= Beginning of Section =
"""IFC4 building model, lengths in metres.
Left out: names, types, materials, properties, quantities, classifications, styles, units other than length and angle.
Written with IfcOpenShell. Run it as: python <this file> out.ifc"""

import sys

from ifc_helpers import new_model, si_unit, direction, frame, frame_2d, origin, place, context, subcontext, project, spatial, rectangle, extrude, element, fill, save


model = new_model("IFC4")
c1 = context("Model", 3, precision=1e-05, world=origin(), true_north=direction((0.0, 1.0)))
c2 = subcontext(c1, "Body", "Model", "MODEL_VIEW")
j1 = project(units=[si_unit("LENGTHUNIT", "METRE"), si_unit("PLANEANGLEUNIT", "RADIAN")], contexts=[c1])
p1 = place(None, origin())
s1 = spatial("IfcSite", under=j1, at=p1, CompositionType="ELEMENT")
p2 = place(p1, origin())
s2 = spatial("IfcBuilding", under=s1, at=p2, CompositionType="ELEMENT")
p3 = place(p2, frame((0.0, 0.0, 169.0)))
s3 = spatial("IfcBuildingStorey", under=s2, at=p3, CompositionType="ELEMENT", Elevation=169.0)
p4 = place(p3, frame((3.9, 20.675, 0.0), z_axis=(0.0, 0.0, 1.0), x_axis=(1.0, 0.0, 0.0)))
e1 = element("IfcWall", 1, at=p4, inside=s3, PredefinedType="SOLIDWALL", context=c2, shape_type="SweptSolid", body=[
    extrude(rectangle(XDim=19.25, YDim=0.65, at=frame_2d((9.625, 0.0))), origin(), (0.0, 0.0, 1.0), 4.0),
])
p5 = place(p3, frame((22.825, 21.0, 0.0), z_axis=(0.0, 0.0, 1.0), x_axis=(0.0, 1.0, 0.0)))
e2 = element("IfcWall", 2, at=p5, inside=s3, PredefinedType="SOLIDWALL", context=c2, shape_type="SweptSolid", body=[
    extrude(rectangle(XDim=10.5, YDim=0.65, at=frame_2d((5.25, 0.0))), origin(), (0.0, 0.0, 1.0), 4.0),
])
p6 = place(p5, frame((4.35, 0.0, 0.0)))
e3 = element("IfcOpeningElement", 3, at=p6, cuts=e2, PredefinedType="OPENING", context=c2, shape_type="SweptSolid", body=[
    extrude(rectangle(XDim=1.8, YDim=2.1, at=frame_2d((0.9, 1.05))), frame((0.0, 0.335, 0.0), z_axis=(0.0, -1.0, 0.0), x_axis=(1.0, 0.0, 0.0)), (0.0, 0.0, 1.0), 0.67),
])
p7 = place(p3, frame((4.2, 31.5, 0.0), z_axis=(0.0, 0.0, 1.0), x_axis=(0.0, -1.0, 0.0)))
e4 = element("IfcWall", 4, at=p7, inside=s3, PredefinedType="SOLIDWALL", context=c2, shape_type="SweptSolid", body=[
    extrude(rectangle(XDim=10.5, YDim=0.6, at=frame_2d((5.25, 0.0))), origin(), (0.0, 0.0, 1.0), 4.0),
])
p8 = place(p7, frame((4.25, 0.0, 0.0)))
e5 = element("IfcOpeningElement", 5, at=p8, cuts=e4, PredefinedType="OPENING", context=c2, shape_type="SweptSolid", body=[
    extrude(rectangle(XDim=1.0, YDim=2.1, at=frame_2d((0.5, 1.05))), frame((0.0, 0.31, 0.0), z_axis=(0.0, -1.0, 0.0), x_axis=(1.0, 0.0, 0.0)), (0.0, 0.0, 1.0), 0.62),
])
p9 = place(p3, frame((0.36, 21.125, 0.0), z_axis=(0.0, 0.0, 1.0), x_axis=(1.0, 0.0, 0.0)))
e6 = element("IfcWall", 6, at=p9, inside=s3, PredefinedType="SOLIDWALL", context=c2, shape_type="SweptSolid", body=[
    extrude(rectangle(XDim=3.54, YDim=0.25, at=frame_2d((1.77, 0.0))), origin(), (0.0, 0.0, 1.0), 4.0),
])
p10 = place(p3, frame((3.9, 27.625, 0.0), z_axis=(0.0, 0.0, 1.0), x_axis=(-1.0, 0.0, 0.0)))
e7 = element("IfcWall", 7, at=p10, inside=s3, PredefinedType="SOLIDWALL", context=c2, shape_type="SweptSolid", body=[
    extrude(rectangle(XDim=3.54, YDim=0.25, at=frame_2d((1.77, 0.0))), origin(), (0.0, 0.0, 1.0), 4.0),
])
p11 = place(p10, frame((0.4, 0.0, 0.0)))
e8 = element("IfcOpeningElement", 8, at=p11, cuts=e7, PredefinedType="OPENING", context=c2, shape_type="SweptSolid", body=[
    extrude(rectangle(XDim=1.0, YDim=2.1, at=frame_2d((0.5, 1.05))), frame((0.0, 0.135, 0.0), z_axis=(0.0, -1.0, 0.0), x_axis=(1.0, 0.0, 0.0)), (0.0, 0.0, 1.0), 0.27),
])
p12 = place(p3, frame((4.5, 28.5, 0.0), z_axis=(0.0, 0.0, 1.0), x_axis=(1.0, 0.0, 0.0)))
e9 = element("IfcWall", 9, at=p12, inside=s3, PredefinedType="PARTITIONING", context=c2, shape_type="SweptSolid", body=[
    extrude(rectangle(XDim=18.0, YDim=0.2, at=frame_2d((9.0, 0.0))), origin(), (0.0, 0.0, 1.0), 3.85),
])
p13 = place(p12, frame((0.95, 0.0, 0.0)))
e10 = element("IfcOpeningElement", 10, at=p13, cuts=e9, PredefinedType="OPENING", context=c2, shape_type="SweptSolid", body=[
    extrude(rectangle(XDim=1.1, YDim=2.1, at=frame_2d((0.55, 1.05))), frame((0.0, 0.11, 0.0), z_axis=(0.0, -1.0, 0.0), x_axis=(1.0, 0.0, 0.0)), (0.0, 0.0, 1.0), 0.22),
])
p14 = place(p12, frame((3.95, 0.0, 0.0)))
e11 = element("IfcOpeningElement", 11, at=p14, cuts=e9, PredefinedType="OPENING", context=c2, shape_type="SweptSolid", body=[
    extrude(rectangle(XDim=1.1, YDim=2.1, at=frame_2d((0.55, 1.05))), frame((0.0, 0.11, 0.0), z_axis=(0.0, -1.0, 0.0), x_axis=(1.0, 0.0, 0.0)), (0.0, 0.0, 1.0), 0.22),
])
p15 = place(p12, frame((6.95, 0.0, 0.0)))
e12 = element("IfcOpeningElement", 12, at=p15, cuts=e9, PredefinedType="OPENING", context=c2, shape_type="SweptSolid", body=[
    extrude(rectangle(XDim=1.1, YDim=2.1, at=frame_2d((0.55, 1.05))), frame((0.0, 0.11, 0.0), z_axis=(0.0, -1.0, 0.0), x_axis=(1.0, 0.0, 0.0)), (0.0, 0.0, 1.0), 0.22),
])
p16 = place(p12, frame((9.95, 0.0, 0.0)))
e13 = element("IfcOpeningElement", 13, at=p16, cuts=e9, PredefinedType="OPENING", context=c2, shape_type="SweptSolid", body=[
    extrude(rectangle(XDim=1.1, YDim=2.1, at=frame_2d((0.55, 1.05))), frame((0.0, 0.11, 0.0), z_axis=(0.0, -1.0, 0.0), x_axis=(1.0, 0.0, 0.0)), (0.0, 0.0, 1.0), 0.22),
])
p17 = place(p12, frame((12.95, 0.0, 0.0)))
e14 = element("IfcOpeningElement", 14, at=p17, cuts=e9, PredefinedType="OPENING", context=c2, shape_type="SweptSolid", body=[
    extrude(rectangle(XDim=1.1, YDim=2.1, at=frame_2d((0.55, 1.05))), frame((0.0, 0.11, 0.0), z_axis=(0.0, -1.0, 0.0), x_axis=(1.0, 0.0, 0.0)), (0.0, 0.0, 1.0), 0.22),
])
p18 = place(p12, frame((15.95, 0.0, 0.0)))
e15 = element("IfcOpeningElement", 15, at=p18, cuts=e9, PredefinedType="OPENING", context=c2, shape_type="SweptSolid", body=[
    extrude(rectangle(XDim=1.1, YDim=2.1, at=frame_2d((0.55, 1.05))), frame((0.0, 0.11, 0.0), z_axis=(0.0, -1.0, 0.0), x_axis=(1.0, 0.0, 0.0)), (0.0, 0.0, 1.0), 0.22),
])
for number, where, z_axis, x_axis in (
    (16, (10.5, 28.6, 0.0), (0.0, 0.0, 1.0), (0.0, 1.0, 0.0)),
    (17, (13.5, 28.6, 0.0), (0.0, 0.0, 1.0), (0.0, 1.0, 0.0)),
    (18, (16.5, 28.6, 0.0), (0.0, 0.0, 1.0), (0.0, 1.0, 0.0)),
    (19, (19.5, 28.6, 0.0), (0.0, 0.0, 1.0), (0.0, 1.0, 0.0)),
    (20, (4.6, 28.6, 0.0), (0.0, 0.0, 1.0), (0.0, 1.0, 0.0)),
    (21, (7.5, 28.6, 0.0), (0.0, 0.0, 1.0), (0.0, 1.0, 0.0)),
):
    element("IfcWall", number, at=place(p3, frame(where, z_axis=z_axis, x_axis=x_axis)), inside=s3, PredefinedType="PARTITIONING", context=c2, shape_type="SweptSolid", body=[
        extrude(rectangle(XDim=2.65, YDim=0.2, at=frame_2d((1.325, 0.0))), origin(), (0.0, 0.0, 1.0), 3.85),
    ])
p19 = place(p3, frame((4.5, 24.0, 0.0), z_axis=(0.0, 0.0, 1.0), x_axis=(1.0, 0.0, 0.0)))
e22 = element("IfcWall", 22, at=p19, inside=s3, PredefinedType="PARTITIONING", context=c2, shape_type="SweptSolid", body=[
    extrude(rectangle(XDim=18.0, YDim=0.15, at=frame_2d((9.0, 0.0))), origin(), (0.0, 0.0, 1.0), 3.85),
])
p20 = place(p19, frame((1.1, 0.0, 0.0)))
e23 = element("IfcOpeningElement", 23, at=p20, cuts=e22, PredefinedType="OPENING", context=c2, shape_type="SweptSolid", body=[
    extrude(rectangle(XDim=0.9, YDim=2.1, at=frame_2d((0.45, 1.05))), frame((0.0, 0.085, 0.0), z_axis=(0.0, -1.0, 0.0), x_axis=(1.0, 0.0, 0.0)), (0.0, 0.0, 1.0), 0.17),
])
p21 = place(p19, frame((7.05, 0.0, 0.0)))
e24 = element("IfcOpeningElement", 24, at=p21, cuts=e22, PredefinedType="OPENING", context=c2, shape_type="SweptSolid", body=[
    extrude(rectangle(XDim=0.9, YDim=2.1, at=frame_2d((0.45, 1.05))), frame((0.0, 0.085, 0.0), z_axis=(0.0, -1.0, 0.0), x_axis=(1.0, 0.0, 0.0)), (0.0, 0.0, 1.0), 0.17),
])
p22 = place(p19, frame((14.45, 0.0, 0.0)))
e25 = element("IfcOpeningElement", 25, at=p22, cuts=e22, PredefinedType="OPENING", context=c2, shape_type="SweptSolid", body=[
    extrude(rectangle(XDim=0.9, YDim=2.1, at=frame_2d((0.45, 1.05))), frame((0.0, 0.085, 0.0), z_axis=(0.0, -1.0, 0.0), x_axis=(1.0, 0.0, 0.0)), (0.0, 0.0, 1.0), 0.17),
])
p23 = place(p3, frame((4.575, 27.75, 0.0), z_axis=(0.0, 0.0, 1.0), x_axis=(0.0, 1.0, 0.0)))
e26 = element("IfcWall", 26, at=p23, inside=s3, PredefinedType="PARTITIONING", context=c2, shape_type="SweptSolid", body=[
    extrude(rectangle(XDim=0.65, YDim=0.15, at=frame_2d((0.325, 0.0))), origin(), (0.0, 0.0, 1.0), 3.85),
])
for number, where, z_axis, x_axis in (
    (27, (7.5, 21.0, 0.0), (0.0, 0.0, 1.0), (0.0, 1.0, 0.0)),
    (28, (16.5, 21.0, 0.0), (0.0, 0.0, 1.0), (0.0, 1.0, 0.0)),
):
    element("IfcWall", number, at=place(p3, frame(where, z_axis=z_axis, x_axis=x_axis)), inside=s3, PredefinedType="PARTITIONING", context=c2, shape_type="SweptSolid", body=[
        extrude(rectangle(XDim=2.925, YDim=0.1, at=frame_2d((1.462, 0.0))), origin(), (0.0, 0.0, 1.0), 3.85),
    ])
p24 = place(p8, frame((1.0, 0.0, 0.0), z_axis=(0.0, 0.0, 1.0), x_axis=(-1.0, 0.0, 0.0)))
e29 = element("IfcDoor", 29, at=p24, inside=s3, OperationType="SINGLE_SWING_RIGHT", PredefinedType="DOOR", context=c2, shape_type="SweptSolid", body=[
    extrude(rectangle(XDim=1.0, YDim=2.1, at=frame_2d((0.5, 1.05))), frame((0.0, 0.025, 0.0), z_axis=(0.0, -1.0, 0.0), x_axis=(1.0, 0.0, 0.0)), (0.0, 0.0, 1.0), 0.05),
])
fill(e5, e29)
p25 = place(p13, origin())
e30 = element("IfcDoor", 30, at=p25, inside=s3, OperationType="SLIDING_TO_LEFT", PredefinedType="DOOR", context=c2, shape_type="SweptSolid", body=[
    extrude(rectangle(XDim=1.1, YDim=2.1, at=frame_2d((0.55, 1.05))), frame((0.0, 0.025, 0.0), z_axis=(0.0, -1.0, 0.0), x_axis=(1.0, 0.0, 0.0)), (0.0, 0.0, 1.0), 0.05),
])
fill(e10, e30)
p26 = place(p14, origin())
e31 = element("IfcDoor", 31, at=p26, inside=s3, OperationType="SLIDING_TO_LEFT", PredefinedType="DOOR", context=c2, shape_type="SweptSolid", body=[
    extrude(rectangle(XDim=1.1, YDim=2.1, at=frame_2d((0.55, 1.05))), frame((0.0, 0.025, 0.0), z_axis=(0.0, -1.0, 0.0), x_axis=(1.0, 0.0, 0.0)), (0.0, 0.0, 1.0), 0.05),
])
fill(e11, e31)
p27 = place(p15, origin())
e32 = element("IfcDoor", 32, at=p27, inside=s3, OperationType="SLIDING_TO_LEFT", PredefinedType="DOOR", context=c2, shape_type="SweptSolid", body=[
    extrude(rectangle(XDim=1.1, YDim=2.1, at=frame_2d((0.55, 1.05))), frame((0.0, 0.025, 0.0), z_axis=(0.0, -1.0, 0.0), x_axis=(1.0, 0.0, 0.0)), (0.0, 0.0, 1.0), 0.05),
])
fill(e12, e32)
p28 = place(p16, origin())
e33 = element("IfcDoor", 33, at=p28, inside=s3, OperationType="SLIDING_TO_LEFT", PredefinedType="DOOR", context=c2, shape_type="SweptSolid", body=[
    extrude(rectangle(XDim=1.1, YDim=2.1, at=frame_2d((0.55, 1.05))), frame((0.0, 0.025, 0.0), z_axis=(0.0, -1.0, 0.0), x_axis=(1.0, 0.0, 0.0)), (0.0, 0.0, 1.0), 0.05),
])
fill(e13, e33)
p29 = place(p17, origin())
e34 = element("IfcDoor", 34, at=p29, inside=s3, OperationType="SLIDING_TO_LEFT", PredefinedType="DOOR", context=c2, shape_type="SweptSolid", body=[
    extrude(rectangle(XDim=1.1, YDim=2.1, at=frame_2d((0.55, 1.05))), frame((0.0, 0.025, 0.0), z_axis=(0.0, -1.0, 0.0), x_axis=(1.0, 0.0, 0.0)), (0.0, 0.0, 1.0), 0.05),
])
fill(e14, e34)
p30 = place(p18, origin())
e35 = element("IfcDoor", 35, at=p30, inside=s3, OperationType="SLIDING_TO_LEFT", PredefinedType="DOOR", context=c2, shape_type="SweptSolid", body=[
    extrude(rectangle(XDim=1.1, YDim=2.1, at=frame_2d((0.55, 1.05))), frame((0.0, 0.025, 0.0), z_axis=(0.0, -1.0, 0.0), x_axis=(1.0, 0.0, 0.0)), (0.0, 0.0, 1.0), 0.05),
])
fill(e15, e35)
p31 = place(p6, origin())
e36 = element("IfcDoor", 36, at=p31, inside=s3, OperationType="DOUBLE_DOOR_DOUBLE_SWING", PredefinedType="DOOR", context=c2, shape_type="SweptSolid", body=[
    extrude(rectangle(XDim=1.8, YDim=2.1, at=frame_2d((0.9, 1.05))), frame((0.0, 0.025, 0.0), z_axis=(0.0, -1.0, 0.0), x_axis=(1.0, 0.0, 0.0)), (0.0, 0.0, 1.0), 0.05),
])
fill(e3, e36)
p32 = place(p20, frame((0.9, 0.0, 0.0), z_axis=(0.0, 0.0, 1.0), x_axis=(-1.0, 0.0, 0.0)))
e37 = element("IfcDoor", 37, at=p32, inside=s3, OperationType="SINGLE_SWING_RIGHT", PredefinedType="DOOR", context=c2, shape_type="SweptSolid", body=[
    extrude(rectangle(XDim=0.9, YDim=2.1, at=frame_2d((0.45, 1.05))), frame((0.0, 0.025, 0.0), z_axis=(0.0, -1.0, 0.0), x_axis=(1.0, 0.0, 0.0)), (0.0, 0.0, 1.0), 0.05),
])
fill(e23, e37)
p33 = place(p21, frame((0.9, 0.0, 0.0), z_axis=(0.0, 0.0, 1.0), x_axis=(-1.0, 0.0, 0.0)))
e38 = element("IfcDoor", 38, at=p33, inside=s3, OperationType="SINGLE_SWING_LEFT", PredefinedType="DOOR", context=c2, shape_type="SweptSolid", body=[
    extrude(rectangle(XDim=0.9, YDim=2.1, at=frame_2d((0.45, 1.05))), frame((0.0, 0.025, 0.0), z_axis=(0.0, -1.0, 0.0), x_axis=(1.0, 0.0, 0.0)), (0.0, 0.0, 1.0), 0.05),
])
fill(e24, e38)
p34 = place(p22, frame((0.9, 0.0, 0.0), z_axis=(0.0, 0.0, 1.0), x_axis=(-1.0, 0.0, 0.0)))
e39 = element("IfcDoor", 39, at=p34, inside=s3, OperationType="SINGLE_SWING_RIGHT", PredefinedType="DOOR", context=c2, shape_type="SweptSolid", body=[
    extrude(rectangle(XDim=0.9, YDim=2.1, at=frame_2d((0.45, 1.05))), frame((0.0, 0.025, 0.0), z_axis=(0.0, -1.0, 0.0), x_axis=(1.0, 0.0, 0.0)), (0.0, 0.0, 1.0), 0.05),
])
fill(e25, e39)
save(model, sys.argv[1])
= End of Section =
▶ **DIRECTIONS FOR THIS TASK**
In the entries above, find each line with the word "CompositionType" and show it.

▶ **REPLY**
s1 = spatial("IfcSite", under=j1, at=p1, CompositionType="ELEMENT")
s2 = spatial("IfcBuilding", under=s1, at=p2, CompositionType="ELEMENT")
s3 = spatial("IfcBuildingStorey", under=s2, at=p3, CompositionType="ELEMENT", Elevation=169.0)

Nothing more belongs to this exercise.